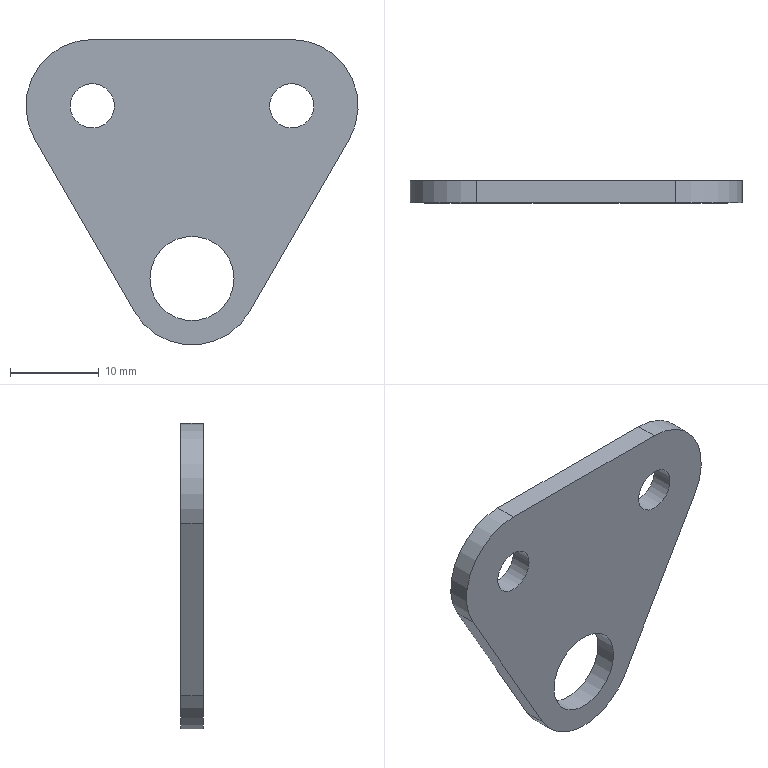Component | NX | 7 | 1 solid | 11 faces | box 37.5 x 2.5 x 34.49 mm | volume 1980 mm3 | cylinder 6 | plane 5 | commonest cylinder face diameters 15 x3 5 x2 9.5 x1
STEP:
#1=CARTESIAN_POINT('',(0.,0.,0.));
#2=DIRECTION('',(0.,0.,1.));
#3=DIRECTION('',(1.,0.,0.));
#4=AXIS2_PLACEMENT_3D('',#1,#2,#3);
#5=CARTESIAN_POINT('',(-395.181,171.749,-74.831));
#6=VERTEX_POINT('',#5);
#7=CARTESIAN_POINT('',(-388.686,171.749,-63.581));
#8=VERTEX_POINT('',#7);
#9=CARTESIAN_POINT('',(-388.686,171.749,-71.081));
#10=DIRECTION('',(0.,1.,0.));
#11=DIRECTION('',(-1.,0.,0.));
#12=AXIS2_PLACEMENT_3D('',#9,#10,#11);
#13=CIRCLE('',#12,7.5);
#14=CARTESIAN_POINT('',(-388.686,174.249,-71.081));
#15=DIRECTION('',(0.,-1.,0.));
#16=DIRECTION('',(-1.,0.,0.));
#17=AXIS2_PLACEMENT_3D('',#14,#15,#16);
#18=CYLINDRICAL_SURFACE('',#17,7.5);
#19=CARTESIAN_POINT('',(12.566,2.5));
#20=DIRECTION('',(-1.,0.));
#21=VECTOR('',#20,1.);
#22=LINE('',#19,#21);
#23=(GEOMETRIC_REPRESENTATION_CONTEXT(2)PARAMETRIC_REPRESENTATION_CONTEXT()REPRESENTATION_CONTEXT('',''));
#24=DEFINITIONAL_REPRESENTATION('',(#22),#23);
#25=PCURVE('',#18,#24);
#26=CARTESIAN_POINT('',(-388.686,171.749,-71.081));
#27=DIRECTION('',(0.,1.,0.));
#28=DIRECTION('',(1.,0.,0.));
#29=AXIS2_PLACEMENT_3D('',#26,#27,#28);
#30=PLANE('',#29);
#31=CARTESIAN_POINT('',(0.,0.));
#32=DIRECTION('',(-1.,0.));
#33=AXIS2_PLACEMENT_2D('',#31,#32);
#34=CIRCLE('',#33,7.5);
#35=(GEOMETRIC_REPRESENTATION_CONTEXT(2)PARAMETRIC_REPRESENTATION_CONTEXT()REPRESENTATION_CONTEXT('',''));
#36=DEFINITIONAL_REPRESENTATION('',(#34),#35);
#37=PCURVE('',#30,#36);
#38=SURFACE_CURVE('',#13,(#25,#37),.PCURVE_S1.);
#39=EDGE_CURVE('',#6,#8,#38,.T.);
#40=ORIENTED_EDGE('',*,*,#39,.T.);
#41=CARTESIAN_POINT('',(-388.686,174.249,-63.581));
#42=VERTEX_POINT('',#41);
#43=CARTESIAN_POINT('',(-388.686,174.249,-63.581));
#44=DIRECTION('',(0.,-1.,0.));
#45=VECTOR('',#44,1.);
#46=LINE('',#43,#45);
#47=CARTESIAN_POINT('',(4.712,0.));
#48=DIRECTION('',(0.,1.));
#49=VECTOR('',#48,1.);
#50=LINE('',#47,#49);
#51=(GEOMETRIC_REPRESENTATION_CONTEXT(2)PARAMETRIC_REPRESENTATION_CONTEXT()REPRESENTATION_CONTEXT('',''));
#52=DEFINITIONAL_REPRESENTATION('',(#50),#51);
#53=PCURVE('',#18,#52);
#54=CARTESIAN_POINT('',(-388.686,174.249,-63.581));
#55=DIRECTION('',(0.,0.,-1.));
#56=DIRECTION('',(0.,1.,0.));
#57=AXIS2_PLACEMENT_3D('',#54,#55,#56);
#58=PLANE('',#57);
#59=CARTESIAN_POINT('',(0.,0.));
#60=DIRECTION('',(-1.,0.));
#61=VECTOR('',#60,1.);
#62=LINE('',#59,#61);
#63=(GEOMETRIC_REPRESENTATION_CONTEXT(2)PARAMETRIC_REPRESENTATION_CONTEXT()REPRESENTATION_CONTEXT('',''));
#64=DEFINITIONAL_REPRESENTATION('',(#62),#63);
#65=PCURVE('',#58,#64);
#66=SURFACE_CURVE('',#46,(#53,#65),.PCURVE_S1.);
#67=EDGE_CURVE('',#42,#8,#66,.T.);
#68=ORIENTED_EDGE('',*,*,#67,.F.);
#69=CARTESIAN_POINT('',(-395.181,174.249,-74.831));
#70=VERTEX_POINT('',#69);
#71=CARTESIAN_POINT('',(-388.686,174.249,-71.081));
#72=DIRECTION('',(0.,1.,0.));
#73=DIRECTION('',(-1.,0.,0.));
#74=AXIS2_PLACEMENT_3D('',#71,#72,#73);
#75=CIRCLE('',#74,7.5);
#76=CARTESIAN_POINT('',(12.566,0.));
#77=DIRECTION('',(-1.,0.));
#78=VECTOR('',#77,1.);
#79=LINE('',#76,#78);
#80=(GEOMETRIC_REPRESENTATION_CONTEXT(2)PARAMETRIC_REPRESENTATION_CONTEXT()REPRESENTATION_CONTEXT('',''));
#81=DEFINITIONAL_REPRESENTATION('',(#79),#80);
#82=PCURVE('',#18,#81);
#83=CARTESIAN_POINT('',(-388.686,174.249,-71.081));
#84=DIRECTION('',(0.,1.,0.));
#85=DIRECTION('',(1.,0.,0.));
#86=AXIS2_PLACEMENT_3D('',#83,#84,#85);
#87=PLANE('',#86);
#88=CARTESIAN_POINT('',(0.,0.));
#89=DIRECTION('',(-1.,0.));
#90=AXIS2_PLACEMENT_2D('',#88,#89);
#91=CIRCLE('',#90,7.5);
#92=(GEOMETRIC_REPRESENTATION_CONTEXT(2)PARAMETRIC_REPRESENTATION_CONTEXT()REPRESENTATION_CONTEXT('',''));
#93=DEFINITIONAL_REPRESENTATION('',(#91),#92);
#94=PCURVE('',#87,#93);
#95=SURFACE_CURVE('',#75,(#82,#94),.PCURVE_S1.);
#96=EDGE_CURVE('',#70,#42,#95,.T.);
#97=ORIENTED_EDGE('',*,*,#96,.F.);
#98=CARTESIAN_POINT('',(-395.181,174.249,-74.831));
#99=DIRECTION('',(0.,-1.,0.));
#100=VECTOR('',#99,1.);
#101=LINE('',#98,#100);
#102=CARTESIAN_POINT('',(6.807,0.));
#103=DIRECTION('',(0.,1.));
#104=VECTOR('',#103,1.);
#105=LINE('',#102,#104);
#106=(GEOMETRIC_REPRESENTATION_CONTEXT(2)PARAMETRIC_REPRESENTATION_CONTEXT()REPRESENTATION_CONTEXT('',''));
#107=DEFINITIONAL_REPRESENTATION('',(#105),#106);
#108=PCURVE('',#18,#107);
#109=CARTESIAN_POINT('',(-383.931,174.249,-94.316));
#110=DIRECTION('',(0.866,0.,0.5));
#111=DIRECTION('',(0.5,0.,-0.866));
#112=AXIS2_PLACEMENT_3D('',#109,#110,#111);
#113=PLANE('',#112);
#114=CARTESIAN_POINT('',(-22.5,0.));
#115=DIRECTION('',(0.,-1.));
#116=VECTOR('',#115,1.);
#117=LINE('',#114,#116);
#118=(GEOMETRIC_REPRESENTATION_CONTEXT(2)PARAMETRIC_REPRESENTATION_CONTEXT()REPRESENTATION_CONTEXT('',''));
#119=DEFINITIONAL_REPRESENTATION('',(#117),#118);
#120=PCURVE('',#113,#119);
#121=SURFACE_CURVE('',#101,(#108,#120),.PCURVE_S1.);
#122=EDGE_CURVE('',#70,#6,#121,.T.);
#123=ORIENTED_EDGE('',*,*,#122,.T.);
#124=EDGE_LOOP('',(#40,#68,#97,#123));
#125=FACE_BOUND('',#124,.T.);
#126=ADVANCED_FACE('',(#125),#18,.T.);
#127=CARTESIAN_POINT('',(-366.186,171.749,-63.581));
#128=VERTEX_POINT('',#127);
#129=CARTESIAN_POINT('',(-388.686,171.749,-63.581));
#130=DIRECTION('',(1.,0.,0.));
#131=VECTOR('',#130,1.);
#132=LINE('',#129,#131);
#133=CARTESIAN_POINT('',(-2.5,0.));
#134=DIRECTION('',(0.,1.));
#135=VECTOR('',#134,1.);
#136=LINE('',#133,#135);
#137=(GEOMETRIC_REPRESENTATION_CONTEXT(2)PARAMETRIC_REPRESENTATION_CONTEXT()REPRESENTATION_CONTEXT('',''));
#138=DEFINITIONAL_REPRESENTATION('',(#136),#137);
#139=PCURVE('',#58,#138);
#140=CARTESIAN_POINT('',(0.,-7.5));
#141=DIRECTION('',(1.,0.));
#142=VECTOR('',#141,1.);
#143=LINE('',#140,#142);
#144=(GEOMETRIC_REPRESENTATION_CONTEXT(2)PARAMETRIC_REPRESENTATION_CONTEXT()REPRESENTATION_CONTEXT('',''));
#145=DEFINITIONAL_REPRESENTATION('',(#143),#144);
#146=PCURVE('',#30,#145);
#147=SURFACE_CURVE('',#132,(#139,#146),.PCURVE_S1.);
#148=EDGE_CURVE('',#8,#128,#147,.T.);
#149=ORIENTED_EDGE('',*,*,#148,.T.);
#150=CARTESIAN_POINT('',(-366.186,174.249,-63.581));
#151=VERTEX_POINT('',#150);
#152=CARTESIAN_POINT('',(-366.186,174.249,-63.581));
#153=DIRECTION('',(0.,-1.,0.));
#154=VECTOR('',#153,1.);
#155=LINE('',#152,#154);
#156=CARTESIAN_POINT('',(0.,22.5));
#157=DIRECTION('',(-1.,0.));
#158=VECTOR('',#157,1.);
#159=LINE('',#156,#158);
#160=(GEOMETRIC_REPRESENTATION_CONTEXT(2)PARAMETRIC_REPRESENTATION_CONTEXT()REPRESENTATION_CONTEXT('',''));
#161=DEFINITIONAL_REPRESENTATION('',(#159),#160);
#162=PCURVE('',#58,#161);
#163=CARTESIAN_POINT('',(-366.186,174.249,-71.081));
#164=DIRECTION('',(0.,-1.,0.));
#165=DIRECTION('',(-1.,0.,0.));
#166=AXIS2_PLACEMENT_3D('',#163,#164,#165);
#167=CYLINDRICAL_SURFACE('',#166,7.5);
#168=CARTESIAN_POINT('',(4.712,0.));
#169=DIRECTION('',(0.,1.));
#170=VECTOR('',#169,1.);
#171=LINE('',#168,#170);
#172=(GEOMETRIC_REPRESENTATION_CONTEXT(2)PARAMETRIC_REPRESENTATION_CONTEXT()REPRESENTATION_CONTEXT('',''));
#173=DEFINITIONAL_REPRESENTATION('',(#171),#172);
#174=PCURVE('',#167,#173);
#175=SURFACE_CURVE('',#155,(#162,#174),.PCURVE_S1.);
#176=EDGE_CURVE('',#151,#128,#175,.T.);
#177=ORIENTED_EDGE('',*,*,#176,.F.);
#178=CARTESIAN_POINT('',(-388.686,174.249,-63.581));
#179=DIRECTION('',(1.,0.,0.));
#180=VECTOR('',#179,1.);
#181=LINE('',#178,#180);
#182=CARTESIAN_POINT('',(0.,0.));
#183=DIRECTION('',(0.,1.));
#184=VECTOR('',#183,1.);
#185=LINE('',#182,#184);
#186=(GEOMETRIC_REPRESENTATION_CONTEXT(2)PARAMETRIC_REPRESENTATION_CONTEXT()REPRESENTATION_CONTEXT('',''));
#187=DEFINITIONAL_REPRESENTATION('',(#185),#186);
#188=PCURVE('',#58,#187);
#189=CARTESIAN_POINT('',(0.,-7.5));
#190=DIRECTION('',(1.,0.));
#191=VECTOR('',#190,1.);
#192=LINE('',#189,#191);
#193=(GEOMETRIC_REPRESENTATION_CONTEXT(2)PARAMETRIC_REPRESENTATION_CONTEXT()REPRESENTATION_CONTEXT('',''));
#194=DEFINITIONAL_REPRESENTATION('',(#192),#193);
#195=PCURVE('',#87,#194);
#196=SURFACE_CURVE('',#181,(#188,#195),.PCURVE_S1.);
#197=EDGE_CURVE('',#42,#151,#196,.T.);
#198=ORIENTED_EDGE('',*,*,#197,.F.);
#199=ORIENTED_EDGE('',*,*,#67,.T.);
#200=EDGE_LOOP('',(#149,#177,#198,#199));
#201=FACE_BOUND('',#200,.T.);
#202=ADVANCED_FACE('',(#201),#58,.F.);
#203=CARTESIAN_POINT('',(-359.69,171.749,-74.831));
#204=VERTEX_POINT('',#203);
#205=CARTESIAN_POINT('',(-366.186,171.749,-71.081));
#206=DIRECTION('',(0.,1.,0.));
#207=DIRECTION('',(-1.,0.,0.));
#208=AXIS2_PLACEMENT_3D('',#205,#206,#207);
#209=CIRCLE('',#208,7.5);
#210=CARTESIAN_POINT('',(6.283,2.5));
#211=DIRECTION('',(-1.,0.));
#212=VECTOR('',#211,1.);
#213=LINE('',#210,#212);
#214=(GEOMETRIC_REPRESENTATION_CONTEXT(2)PARAMETRIC_REPRESENTATION_CONTEXT()REPRESENTATION_CONTEXT('',''));
#215=DEFINITIONAL_REPRESENTATION('',(#213),#214);
#216=PCURVE('',#167,#215);
#217=CARTESIAN_POINT('',(22.5,0.));
#218=DIRECTION('',(-1.,0.));
#219=AXIS2_PLACEMENT_2D('',#217,#218);
#220=CIRCLE('',#219,7.5);
#221=(GEOMETRIC_REPRESENTATION_CONTEXT(2)PARAMETRIC_REPRESENTATION_CONTEXT()REPRESENTATION_CONTEXT('',''));
#222=DEFINITIONAL_REPRESENTATION('',(#220),#221);
#223=PCURVE('',#30,#222);
#224=SURFACE_CURVE('',#209,(#216,#223),.PCURVE_S1.);
#225=EDGE_CURVE('',#128,#204,#224,.T.);
#226=ORIENTED_EDGE('',*,*,#225,.T.);
#227=CARTESIAN_POINT('',(-359.69,174.249,-74.831));
#228=VERTEX_POINT('',#227);
#229=CARTESIAN_POINT('',(-359.69,174.249,-74.831));
#230=DIRECTION('',(0.,-1.,0.));
#231=VECTOR('',#230,1.);
#232=LINE('',#229,#231);
#233=CARTESIAN_POINT('',(2.618,0.));
#234=DIRECTION('',(0.,1.));
#235=VECTOR('',#234,1.);
#236=LINE('',#233,#235);
#237=(GEOMETRIC_REPRESENTATION_CONTEXT(2)PARAMETRIC_REPRESENTATION_CONTEXT()REPRESENTATION_CONTEXT('',''));
#238=DEFINITIONAL_REPRESENTATION('',(#236),#237);
#239=PCURVE('',#167,#238);
#240=CARTESIAN_POINT('',(-359.69,174.249,-74.831));
#241=DIRECTION('',(-0.866,0.,0.5));
#242=DIRECTION('',(0.5,0.,0.866));
#243=AXIS2_PLACEMENT_3D('',#240,#241,#242);
#244=PLANE('',#243);
#245=CARTESIAN_POINT('',(0.,0.));
#246=DIRECTION('',(0.,-1.));
#247=VECTOR('',#246,1.);
#248=LINE('',#245,#247);
#249=(GEOMETRIC_REPRESENTATION_CONTEXT(2)PARAMETRIC_REPRESENTATION_CONTEXT()REPRESENTATION_CONTEXT('',''));
#250=DEFINITIONAL_REPRESENTATION('',(#248),#249);
#251=PCURVE('',#244,#250);
#252=SURFACE_CURVE('',#232,(#239,#251),.PCURVE_S1.);
#253=EDGE_CURVE('',#228,#204,#252,.T.);
#254=ORIENTED_EDGE('',*,*,#253,.F.);
#255=CARTESIAN_POINT('',(-366.186,174.249,-71.081));
#256=DIRECTION('',(0.,1.,0.));
#257=DIRECTION('',(-1.,0.,0.));
#258=AXIS2_PLACEMENT_3D('',#255,#256,#257);
#259=CIRCLE('',#258,7.5);
#260=CARTESIAN_POINT('',(6.283,0.));
#261=DIRECTION('',(-1.,0.));
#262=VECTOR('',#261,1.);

###

ACTION ITEM: For the string "CIRCLE", show each line of the listing where it appears.

RESPONSE TO THE EXERCISE:
#13=CIRCLE('',#12,7.5);
#34=CIRCLE('',#33,7.5);
#75=CIRCLE('',#74,7.5);
#91=CIRCLE('',#90,7.5);
#209=CIRCLE('',#208,7.5);
#220=CIRCLE('',#219,7.5);
#259=CIRCLE('',#258,7.5);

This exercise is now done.